» **Material for this task**:

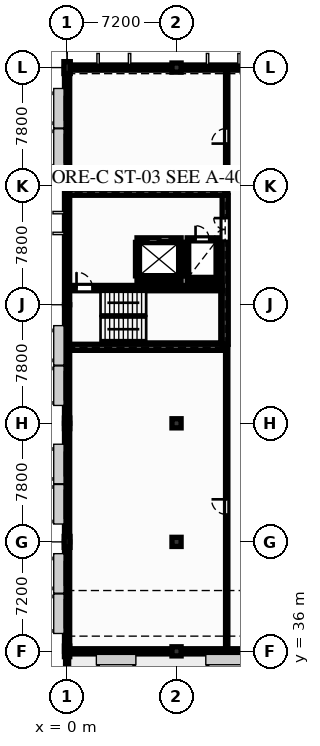
"""IFC4 building model, lengths in metres.
Left out: names, types, materials, properties, quantities, classifications, styles, units other than length and angle.
Written with IfcOpenShell. Run it as: python <this file> out.ifc"""

import sys

from ifc_helpers import new_model, si_unit, direction, frame, frame_2d, origin, origin_2d, place, context, subcontext, project, spatial, rectangle, extrude, element, fill, save


model = new_model("IFC4")
c1 = context("Model", 3, precision=1e-05, world=origin(), true_north=direction((0.0, 1.0)))
c2 = subcontext(c1, "Body", "Model", "MODEL_VIEW")
j1 = project(units=[si_unit("LENGTHUNIT", "METRE"), si_unit("PLANEANGLEUNIT", "RADIAN")], contexts=[c1])
p1 = place(None, origin())
s1 = spatial("IfcSite", under=j1, at=p1, CompositionType="ELEMENT")
p2 = place(p1, origin())
s2 = spatial("IfcBuilding", under=s1, at=p2, CompositionType="ELEMENT")
p3 = place(p2, frame((0.0, 0.0, 8.94)))
s3 = spatial("IfcBuildingStorey", under=s2, at=p3, CompositionType="ELEMENT", Elevation=8.94)
p4 = place(p3, frame((0.0, 36.0, 0.0), z_axis=(0.0, 0.0, 1.0), x_axis=(1.0, 0.0, 0.0)))
e1 = element("IfcColumn", 1, at=p4, inside=s3, PredefinedType="PILASTER", context=c2, shape_type="SweptSolid", body=[
    extrude(rectangle(XDim=0.35, YDim=0.7, at=origin_2d()), origin(), (0.0, 0.0, 1.0), 3.84),
])
p5 = place(p3, frame((0.0, 43.2, 0.0), z_axis=(0.0, 0.0, 1.0), x_axis=(1.0, 0.0, 0.0)))
e2 = element("IfcColumn", 2, at=p5, inside=s3, PredefinedType="PILASTER", context=c2, shape_type="SweptSolid", body=[
    extrude(rectangle(XDim=0.38, YDim=0.72, at=origin_2d()), origin(), (0.0, 0.0, 1.0), 3.84),
])
p6 = place(p3, frame((0.0, 51.0, 0.0), z_axis=(0.0, 0.0, 1.0), x_axis=(1.0, 0.0, 0.0)))
e3 = element("IfcColumn", 3, at=p6, inside=s3, PredefinedType="PILASTER", context=c2, shape_type="SweptSolid", body=[
    extrude(rectangle(XDim=0.35, YDim=0.7, at=origin_2d()), origin(), (0.0, 0.0, 1.0), 3.84),
])
p7 = place(p3, frame((0.0, 74.4, 0.0), z_axis=(0.0, 0.0, 1.0), x_axis=(1.0, 0.0, 0.0)))
e4 = element("IfcColumn", 4, at=p7, inside=s3, PredefinedType="PILASTER", context=c2, shape_type="SweptSolid", body=[
    extrude(rectangle(XDim=0.42, YDim=0.78, at=origin_2d()), origin(), (0.0, 0.0, 1.0), 3.84),
])
for number, where, z_axis, x_axis in (
    (5, (7.2, 36.0, 0.0), (0.0, 0.0, 1.0), (1.0, 0.0, 0.0)),
    (6, (7.2, 43.2, 0.0), (0.0, 0.0, 1.0), (1.0, 0.0, 0.0)),
    (7, (7.2, 51.0, 0.0), (0.0, 0.0, 1.0), (1.0, 0.0, 0.0)),
    (8, (7.2, 74.4, 0.0), (0.0, 0.0, 1.0), (1.0, 0.0, 0.0)),
):
    element("IfcColumn", number, at=place(p3, frame(where, z_axis=z_axis, x_axis=x_axis)), inside=s3, PredefinedType="COLUMN", context=c2, shape_type="SweptSolid", body=[
        extrude(rectangle(XDim=0.6, YDim=0.6, at=origin_2d()), origin(), (0.0, 0.0, 1.0), 3.84),
    ])
p8 = place(p3, frame((0.0, 36.0, 0.0), z_axis=(0.0, 0.0, 1.0), x_axis=(0.0, 1.0, 0.0)))
e9 = element("IfcWall", 9, at=p8, inside=s3, PredefinedType="SOLIDWALL", context=c2, shape_type="SweptSolid", body=[
    extrude(rectangle(XDim=7.2, YDim=0.34, at=frame_2d((3.6, 0.0))), origin(), (0.0, 0.0, 1.0), 3.53),
])
p9 = place(p8, frame((1.5, 0.0, 0.85)))
e10 = element("IfcOpeningElement", 10, at=p9, cuts=e9, PredefinedType="OPENING", context=c2, shape_type="SweptSolid", body=[
    extrude(rectangle(XDim=1.95, YDim=2.1, at=frame_2d((0.975, 1.05))), frame((0.0, 0.18, 0.0), z_axis=(0.0, -1.0, 0.0), x_axis=(1.0, 0.0, 0.0)), (0.0, 0.0, 1.0), 0.36),
])
p10 = place(p8, frame((4.3, 0.0, 0.798)))
e11 = element("IfcOpeningElement", 11, at=p10, cuts=e9, PredefinedType="OPENING", context=c2, shape_type="SweptSolid", body=[
    extrude(rectangle(XDim=1.65, YDim=2.25, at=frame_2d((0.825, 1.125))), frame((0.0, 0.18, 0.0), z_axis=(0.0, -1.0, 0.0), x_axis=(1.0, 0.0, 0.0)), (0.0, 0.0, 1.0), 0.36),
])
p11 = place(p3, frame((0.0, 43.2, 0.0), z_axis=(0.0, 0.0, 1.0), x_axis=(0.0, 1.0, 0.0)))
e12 = element("IfcWall", 12, at=p11, inside=s3, PredefinedType="SOLIDWALL", context=c2, shape_type="SweptSolid", body=[
    extrude(rectangle(XDim=7.8, YDim=0.34, at=frame_2d((3.9, 0.0))), origin(), (0.0, 0.0, 1.0), 3.53),
])
p12 = place(p11, frame((1.5, 0.0, 0.85)))
e13 = element("IfcOpeningElement", 13, at=p12, cuts=e12, PredefinedType="OPENING", context=c2, shape_type="SweptSolid", body=[
    extrude(rectangle(XDim=1.95, YDim=2.1, at=frame_2d((0.975, 1.05))), frame((0.0, 0.18, 0.0), z_axis=(0.0, -1.0, 0.0), x_axis=(1.0, 0.0, 0.0)), (0.0, 0.0, 1.0), 0.36),
])
p13 = place(p11, frame((4.3, 0.0, 0.798)))
e14 = element("IfcOpeningElement", 14, at=p13, cuts=e12, PredefinedType="OPENING", context=c2, shape_type="SweptSolid", body=[
    extrude(rectangle(XDim=1.65, YDim=2.25, at=frame_2d((0.825, 1.125))), frame((0.0, 0.18, 0.0), z_axis=(0.0, -1.0, 0.0), x_axis=(1.0, 0.0, 0.0)), (0.0, 0.0, 1.0), 0.36),
])
p14 = place(p3, frame((0.0, 51.0, 0.0), z_axis=(0.0, 0.0, 1.0), x_axis=(0.0, 1.0, 0.0)))
e15 = element("IfcWall", 15, at=p14, inside=s3, PredefinedType="SOLIDWALL", context=c2, shape_type="SweptSolid", body=[
    extrude(rectangle(XDim=7.8, YDim=0.34, at=frame_2d((3.9, 0.0))), origin(), (0.0, 0.0, 1.0), 3.53),
])
p15 = place(p14, frame((1.5, 0.0, 0.85)))
e16 = element("IfcOpeningElement", 16, at=p15, cuts=e15, PredefinedType="OPENING", context=c2, shape_type="SweptSolid", body=[
    extrude(rectangle(XDim=1.95, YDim=2.1, at=frame_2d((0.975, 1.05))), frame((0.0, 0.18, 0.0), z_axis=(0.0, -1.0, 0.0), x_axis=(1.0, 0.0, 0.0)), (0.0, 0.0, 1.0), 0.36),
])
p16 = place(p3, frame((0.0, 58.8, 0.0), z_axis=(0.0, 0.0, 1.0), x_axis=(0.0, 1.0, 0.0)))
e17 = element("IfcWall", 17, at=p16, inside=s3, PredefinedType="SOLIDWALL", context=c2, shape_type="SweptSolid", body=[
    extrude(rectangle(XDim=7.8, YDim=0.34, at=frame_2d((3.9, 0.0))), origin(), (0.0, 0.0, 1.0), 3.53),
])
p17 = place(p16, frame((4.85, 0.0, 1.1)))
e18 = element("IfcOpeningElement", 18, at=p17, cuts=e17, PredefinedType="OPENING", context=c2, shape_type="SweptSolid", body=[
    extrude(rectangle(XDim=1.05, YDim=1.75, at=frame_2d((0.525, 0.875))), frame((0.0, 0.18, 0.0), z_axis=(0.0, -1.0, 0.0), x_axis=(1.0, 0.0, 0.0)), (0.0, 0.0, 1.0), 0.36),
])
p18 = place(p3, frame((0.0, 66.6, 0.0), z_axis=(0.0, 0.0, 1.0), x_axis=(0.0, 1.0, 0.0)))
e19 = element("IfcWall", 19, at=p18, inside=s3, PredefinedType="SOLIDWALL", context=c2, shape_type="SweptSolid", body=[
    extrude(rectangle(XDim=7.8, YDim=0.34, at=frame_2d((3.9, 0.0))), origin(), (0.0, 0.0, 1.0), 3.53),
])
p19 = place(p18, frame((1.5, 0.0, 0.85)))
e20 = element("IfcOpeningElement", 20, at=p19, cuts=e19, PredefinedType="OPENING", context=c2, shape_type="SweptSolid", body=[
    extrude(rectangle(XDim=1.95, YDim=2.1, at=frame_2d((0.975, 1.05))), frame((0.0, 0.18, 0.0), z_axis=(0.0, -1.0, 0.0), x_axis=(1.0, 0.0, 0.0)), (0.0, 0.0, 1.0), 0.36),
])
p20 = place(p18, frame((4.3, 0.0, 0.85)))
e21 = element("IfcOpeningElement", 21, at=p20, cuts=e19, PredefinedType="OPENING", context=c2, shape_type="SweptSolid", body=[
    extrude(rectangle(XDim=1.65, YDim=2.25, at=frame_2d((0.825, 1.125))), frame((0.0, 0.18, 0.0), z_axis=(0.0, -1.0, 0.0), x_axis=(1.0, 0.0, 0.0)), (0.0, 0.0, 1.0), 0.36),
])
p21 = place(p3, frame((0.0, 74.4, 0.0), z_axis=(0.0, 0.0, 1.0), x_axis=(1.0, 0.0, 0.0)))
e22 = element("IfcWall", 22, at=p21, inside=s3, PredefinedType="SOLIDWALL", context=c2, shape_type="SweptSolid", body=[
    extrude(rectangle(XDim=7.2, YDim=0.34, at=frame_2d((3.6, 0.0))), origin(), (0.0, 0.0, 1.0), 3.53),
])
p22 = place(p21, frame((2.2, 0.0, 0.9)))
e23 = element("IfcOpeningElement", 23, at=p22, cuts=e22, PredefinedType="OPENING", context=c2, shape_type="SweptSolid", body=[
    extrude(rectangle(XDim=1.75, YDim=2.15, at=frame_2d((0.875, 1.075))), frame((0.0, 0.18, 0.0), z_axis=(0.0, -1.0, 0.0), x_axis=(1.0, 0.0, 0.0)), (0.0, 0.0, 1.0), 0.36),
])
p23 = place(p3, frame((0.0, 36.0, 0.0), z_axis=(0.0, 0.0, 1.0), x_axis=(1.0, 0.0, 0.0)))
e24 = element("IfcWall", 24, at=p23, inside=s3, PredefinedType="SOLIDWALL", context=c2, shape_type="SweptSolid", body=[
    extrude(rectangle(XDim=7.2, YDim=0.34, at=frame_2d((3.6, 0.0))), origin(), (0.0, 0.0, 1.0), 3.53),
])
p24 = place(p23, frame((2.2, 0.0, 0.9)))
e25 = element("IfcOpeningElement", 25, at=p24, cuts=e24, PredefinedType="OPENING", context=c2, shape_type="SweptSolid", body=[
    extrude(rectangle(XDim=2.05, YDim=1.85, at=frame_2d((1.025, 0.925))), frame((0.0, 0.18, 0.0), z_axis=(0.0, -1.0, 0.0), x_axis=(1.0, 0.0, 0.0)), (0.0, 0.0, 1.0), 0.36),
])
p25 = place(p3, frame((7.2, 74.4, 0.0), z_axis=(0.0, 0.0, 1.0), x_axis=(1.0, 0.0, 0.0)))
e26 = element("IfcWall", 26, at=p25, inside=s3, PredefinedType="SOLIDWALL", context=c2, shape_type="SweptSolid", body=[
    extrude(rectangle(XDim=7.2, YDim=0.34, at=frame_2d((3.6, 0.0))), origin(), (0.0, 0.0, 1.0), 3.53),
])
p26 = place(p25, frame((4.4, 0.0, 0.9)))
e27 = element("IfcOpeningElement", 27, at=p26, cuts=e26, PredefinedType="OPENING", context=c2, shape_type="SweptSolid", body=[
    extrude(rectangle(XDim=1.75, YDim=2.15, at=frame_2d((0.875, 1.075))), frame((0.0, 0.18, 0.0), z_axis=(0.0, -1.0, 0.0), x_axis=(1.0, 0.0, 0.0)), (0.0, 0.0, 1.0), 0.36),
])
p27 = place(p3, frame((7.2, 36.0, 0.0), z_axis=(0.0, 0.0, 1.0), x_axis=(1.0, 0.0, 0.0)))
e28 = element("IfcWall", 28, at=p27, inside=s3, PredefinedType="SOLIDWALL", context=c2, shape_type="SweptSolid", body=[
    extrude(rectangle(XDim=7.2, YDim=0.34, at=frame_2d((3.6, 0.0))), origin(), (0.0, 0.0, 1.0), 3.53),
])
p28 = place(p27, frame((4.4, 0.0, 0.9)))
e29 = element("IfcOpeningElement", 29, at=p28, cuts=e28, PredefinedType="OPENING", context=c2, shape_type="SweptSolid", body=[
    extrude(rectangle(XDim=2.05, YDim=1.85, at=frame_2d((1.025, 0.925))), frame((0.0, 0.18, 0.0), z_axis=(0.0, -1.0, 0.0), x_axis=(1.0, 0.0, 0.0)), (0.0, 0.0, 1.0), 0.36),
])
p29 = place(p3, frame((0.0, 35.8, 0.0), z_axis=(0.0, 0.0, 1.0), x_axis=(0.0, -1.0, 0.0)))
e30 = element("IfcWall", 30, at=p29, inside=s3, PredefinedType="PARAPET", context=c2, shape_type="SweptSolid", body=[
    extrude(rectangle(XDim=6.8, YDim=0.2, at=frame_2d((3.4, 0.0))), origin(), (0.0, 0.0, 1.0), 0.72),
])
for number, where, z_axis, x_axis in (
    (31, (0.17, 56.0, 0.0), (0.0, 0.0, 1.0), (1.0, 0.0, 0.0)),
    (32, (0.17, 66.2, 0.0), (0.0, 0.0, 1.0), (1.0, 0.0, 0.0)),
):
    element("IfcWall", number, at=place(p3, frame(where, z_axis=z_axis, x_axis=x_axis)), inside=s3, PredefinedType="SHEAR", context=c2, shape_type="SweptSolid", body=[
        extrude(rectangle(XDim=10.23, YDim=0.4, at=frame_2d((5.115, 0.0))), origin(), (0.0, 0.0, 1.0), 3.53),
    ])
p30 = place(p3, frame((10.4, 56.2, 0.0), z_axis=(0.0, 0.0, 1.0), x_axis=(0.0, 1.0, 0.0)))
e33 = element("IfcWall", 33, at=p30, inside=s3, PredefinedType="SHEAR", context=c2, shape_type="SweptSolid", body=[
    extrude(rectangle(XDim=9.8, YDim=0.4, at=frame_2d((4.9, 0.0))), origin(), (0.0, 0.0, 1.0), 3.53),
])
p31 = place(p30, frame((6.8, 0.0, 0.0)))
e34 = element("IfcOpeningElement", 34, at=p31, cuts=e33, PredefinedType="OPENING", context=c2, shape_type="SweptSolid", body=[
    extrude(rectangle(XDim=1.5, YDim=2.2, at=frame_2d((0.75, 1.1))), frame((0.0, 0.21, 0.0), z_axis=(0.0, -1.0, 0.0), x_axis=(1.0, 0.0, 0.0)), (0.0, 0.0, 1.0), 0.42),
])
p32 = place(p3, frame((0.17, 59.895, 0.0), z_axis=(0.0, 0.0, 1.0), x_axis=(1.0, 0.0, 0.0)))
e35 = element("IfcWall", 35, at=p32, inside=s3, PredefinedType="SHEAR", context=c2, shape_type="SweptSolid", body=[
    extrude(rectangle(XDim=10.03, YDim=0.35, at=frame_2d((5.015, 0.0))), origin(), (0.0, 0.0, 1.0), 3.53),
])
p33 = place(p32, frame((0.45, 0.0, 0.0)))
e36 = element("IfcOpeningElement", 36, at=p33, cuts=e35, PredefinedType="OPENING", context=c2, shape_type="SweptSolid", body=[
    extrude(rectangle(XDim=1.05, YDim=2.2, at=frame_2d((0.525, 1.1))), frame((0.0, 0.185, 0.0), z_axis=(0.0, -1.0, 0.0), x_axis=(1.0, 0.0, 0.0)), (0.0, 0.0, 1.0), 0.37),
])
p34 = place(p3, frame((4.6, 60.5, 0.0), z_axis=(0.0, 0.0, 1.0), x_axis=(1.0, 0.0, 0.0)))
e37 = element("IfcWall", 37, at=p34, inside=s3, PredefinedType="PARTITIONING", context=c2, shape_type="SweptSolid", body=[
    extrude(rectangle(XDim=2.9, YDim=0.2, at=frame_2d((1.45, 0.0))), origin(), (0.0, 0.0, 1.0), 3.53),
])
p35 = place(p3, frame((4.6, 63.1, 0.0), z_axis=(0.0, 0.0, 1.0), x_axis=(1.0, 0.0, 0.0)))
e38 = element("IfcWall", 38, at=p35, inside=s3, PredefinedType="PARTITIONING", context=c2, shape_type="SweptSolid", body=[
    extrude(rectangle(XDim=2.9, YDim=0.2, at=frame_2d((1.45, 0.0))), origin(), (0.0, 0.0, 1.0), 3.53),
])
p36 = place(p35, frame((0.75, 0.0, 0.0)))
e39 = element("IfcOpeningElement", 39, at=p36, cuts=e38, PredefinedType="OPENING", context=c2, shape_type="SweptSolid", body=[
    extrude(rectangle(XDim=1.4, YDim=2.25, at=frame_2d((0.7, 1.125))), frame((0.0, 0.11, 0.0), z_axis=(0.0, -1.0, 0.0), x_axis=(1.0, 0.0, 0.0)), (0.0, 0.0, 1.0), 0.22),
])
for number, where, z_axis, x_axis in (
    (40, (4.6, 60.7, 0.0), (0.0, 0.0, 1.0), (0.0, 1.0, 0.0)),
    (41, (7.5, 60.7, 0.0), (0.0, 0.0, 1.0), (0.0, 1.0, 0.0)),
):
    element("IfcWall", number, at=place(p3, frame(where, z_axis=z_axis, x_axis=x_axis)), inside=s3, PredefinedType="PARTITIONING", context=c2, shape_type="SweptSolid", body=[
        extrude(rectangle(XDim=2.2, YDim=0.2, at=frame_2d((1.1, 0.0))), origin(), (0.0, 0.0, 1.0), 3.53),
    ])
p37 = place(p3, frame((7.9, 60.5, 0.0), z_axis=(0.0, 0.0, 1.0), x_axis=(1.0, 0.0, 0.0)))
e42 = element("IfcWall", 42, at=p37, inside=s3, PredefinedType="PARTITIONING", context=c2, shape_type="SweptSolid", body=[
    extrude(rectangle(XDim=2.0, YDim=0.2, at=frame_2d((1.0, 0.0))), origin(), (0.0, 0.0, 1.0), 3.53),
])
p38 = place(p3, frame((7.9, 63.1, 0.0), z_axis=(0.0, 0.0, 1.0), x_axis=(1.0, 0.0, 0.0)))
e43 = element("IfcWall", 43, at=p38, inside=s3, PredefinedType="PARTITIONING", context=c2, shape_type="SweptSolid", body=[
    extrude(rectangle(XDim=2.0, YDim=0.2, at=frame_2d((1.0, 0.0))), origin(), (0.0, 0.0, 1.0), 3.53),
])
p39 = place(p38, frame((0.55, 0.0, 0.0)))
e44 = element("IfcOpeningElement", 44, at=p39, cuts=e43, PredefinedType="OPENING", context=c2, shape_type="SweptSolid", body=[
    extrude(rectangle(XDim=0.9, YDim=2.1, at=frame_2d((0.45, 1.05))), frame((0.0, 0.11, 0.0), z_axis=(0.0, -1.0, 0.0), x_axis=(1.0, 0.0, 0.0)), (0.0, 0.0, 1.0), 0.22),
])
for number, where, z_axis, x_axis in (
    (45, (7.9, 60.7, 0.0), (0.0, 0.0, 1.0), (0.0, 1.0, 0.0)),
    (46, (9.9, 60.7, 0.0), (0.0, 0.0, 1.0), (0.0, 1.0, 0.0)),
):
    element("IfcWall", number, at=place(p3, frame(where, z_axis=z_axis, x_axis=x_axis)), inside=s3, PredefinedType="PARTITIONING", context=c2, shape_type="SweptSolid", body=[
        extrude(rectangle(XDim=2.2, YDim=0.2, at=frame_2d((1.1, 0.0))), origin(), (0.0, 0.0, 1.0), 3.53),
    ])
p40 = place(p3, frame((10.5, 36.0, 0.0), z_axis=(0.0, 0.0, 1.0), x_axis=(0.0, 1.0, 0.0)))
e47 = element("IfcWall", 47, at=p40, inside=s3, PredefinedType="PARTITIONING", context=c2, shape_type="SweptSolid", body=[
    extrude(rectangle(XDim=20.0, YDim=0.15, at=frame_2d((10.0, 0.0))), origin(), (0.0, 0.0, 1.0), 3.53),
])
p41 = place(p40, frame((9.0, 0.0, 0.0)))
e48 = element("IfcOpeningElement", 48, at=p41, cuts=e47, PredefinedType="OPENING", context=c2, shape_type="SweptSolid", body=[
    extrude(rectangle(XDim=1.0, YDim=2.15, at=frame_2d((0.5, 1.075))), frame((0.0, 0.085, 0.0), z_axis=(0.0, -1.0, 0.0), x_axis=(1.0, 0.0, 0.0)), (0.0, 0.0, 1.0), 0.17),
])
p42 = place(p3, frame((10.5, 66.2, 0.0), z_axis=(0.0, 0.0, 1.0), x_axis=(0.0, 1.0, 0.0)))
e49 = element("IfcWall", 49, at=p42, inside=s3, PredefinedType="PARTITIONING", context=c2, shape_type="SweptSolid", body=[
    extrude(rectangle(XDim=8.2, YDim=0.15, at=frame_2d((4.1, 0.0))), origin(), (0.0, 0.0, 1.0), 3.53),
])
p43 = place(p42, frame((3.2, 0.0, 0.0)))
e50 = element("IfcOpeningElement", 50, at=p43, cuts=e49, PredefinedType="OPENING", context=c2, shape_type="SweptSolid", body=[
    extrude(rectangle(XDim=1.0, YDim=2.15, at=frame_2d((0.5, 1.075))), frame((0.0, 0.085, 0.0), z_axis=(0.0, -1.0, 0.0), x_axis=(1.0, 0.0, 0.0)), (0.0, 0.0, 1.0), 0.17),
])
p44 = place(p9, origin())
e51 = element("IfcWindow", 51, at=p44, inside=s3, PartitioningType="SINGLE_PANEL", PredefinedType="WINDOW", context=c2, shape_type="SweptSolid", body=[
    extrude(rectangle(XDim=1.95, YDim=2.1, at=frame_2d((0.975, 1.05))), frame((0.0, 0.03, 0.0), z_axis=(0.0, -1.0, 0.0), x_axis=(1.0, 0.0, 0.0)), (0.0, 0.0, 1.0), 0.06),
])
fill(e10, e51)
p45 = place(p10, origin())
e52 = element("IfcWindow", 52, at=p45, inside=s3, PartitioningType="SINGLE_PANEL", PredefinedType="WINDOW", context=c2, shape_type="SweptSolid", body=[
    extrude(rectangle(XDim=1.65, YDim=2.25, at=frame_2d((0.825, 1.125))), frame((0.0, 0.03, 0.0), z_axis=(0.0, -1.0, 0.0), x_axis=(1.0, 0.0, 0.0)), (0.0, 0.0, 1.0), 0.06),
])
fill(e11, e52)
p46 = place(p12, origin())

» **Prompt**:
Look over the listing above. Pick out and copy every line that includes "direction".

» **Answer to this problem**:
from ifc_helpers import new_model, si_unit, direction, frame, frame_2d, origin, origin_2d, place, context, subcontext, project, spatial, rectangle, extrude, element, fill, save
c1 = context("Model", 3, precision=1e-05, world=origin(), true_north=direction((0.0, 1.0)))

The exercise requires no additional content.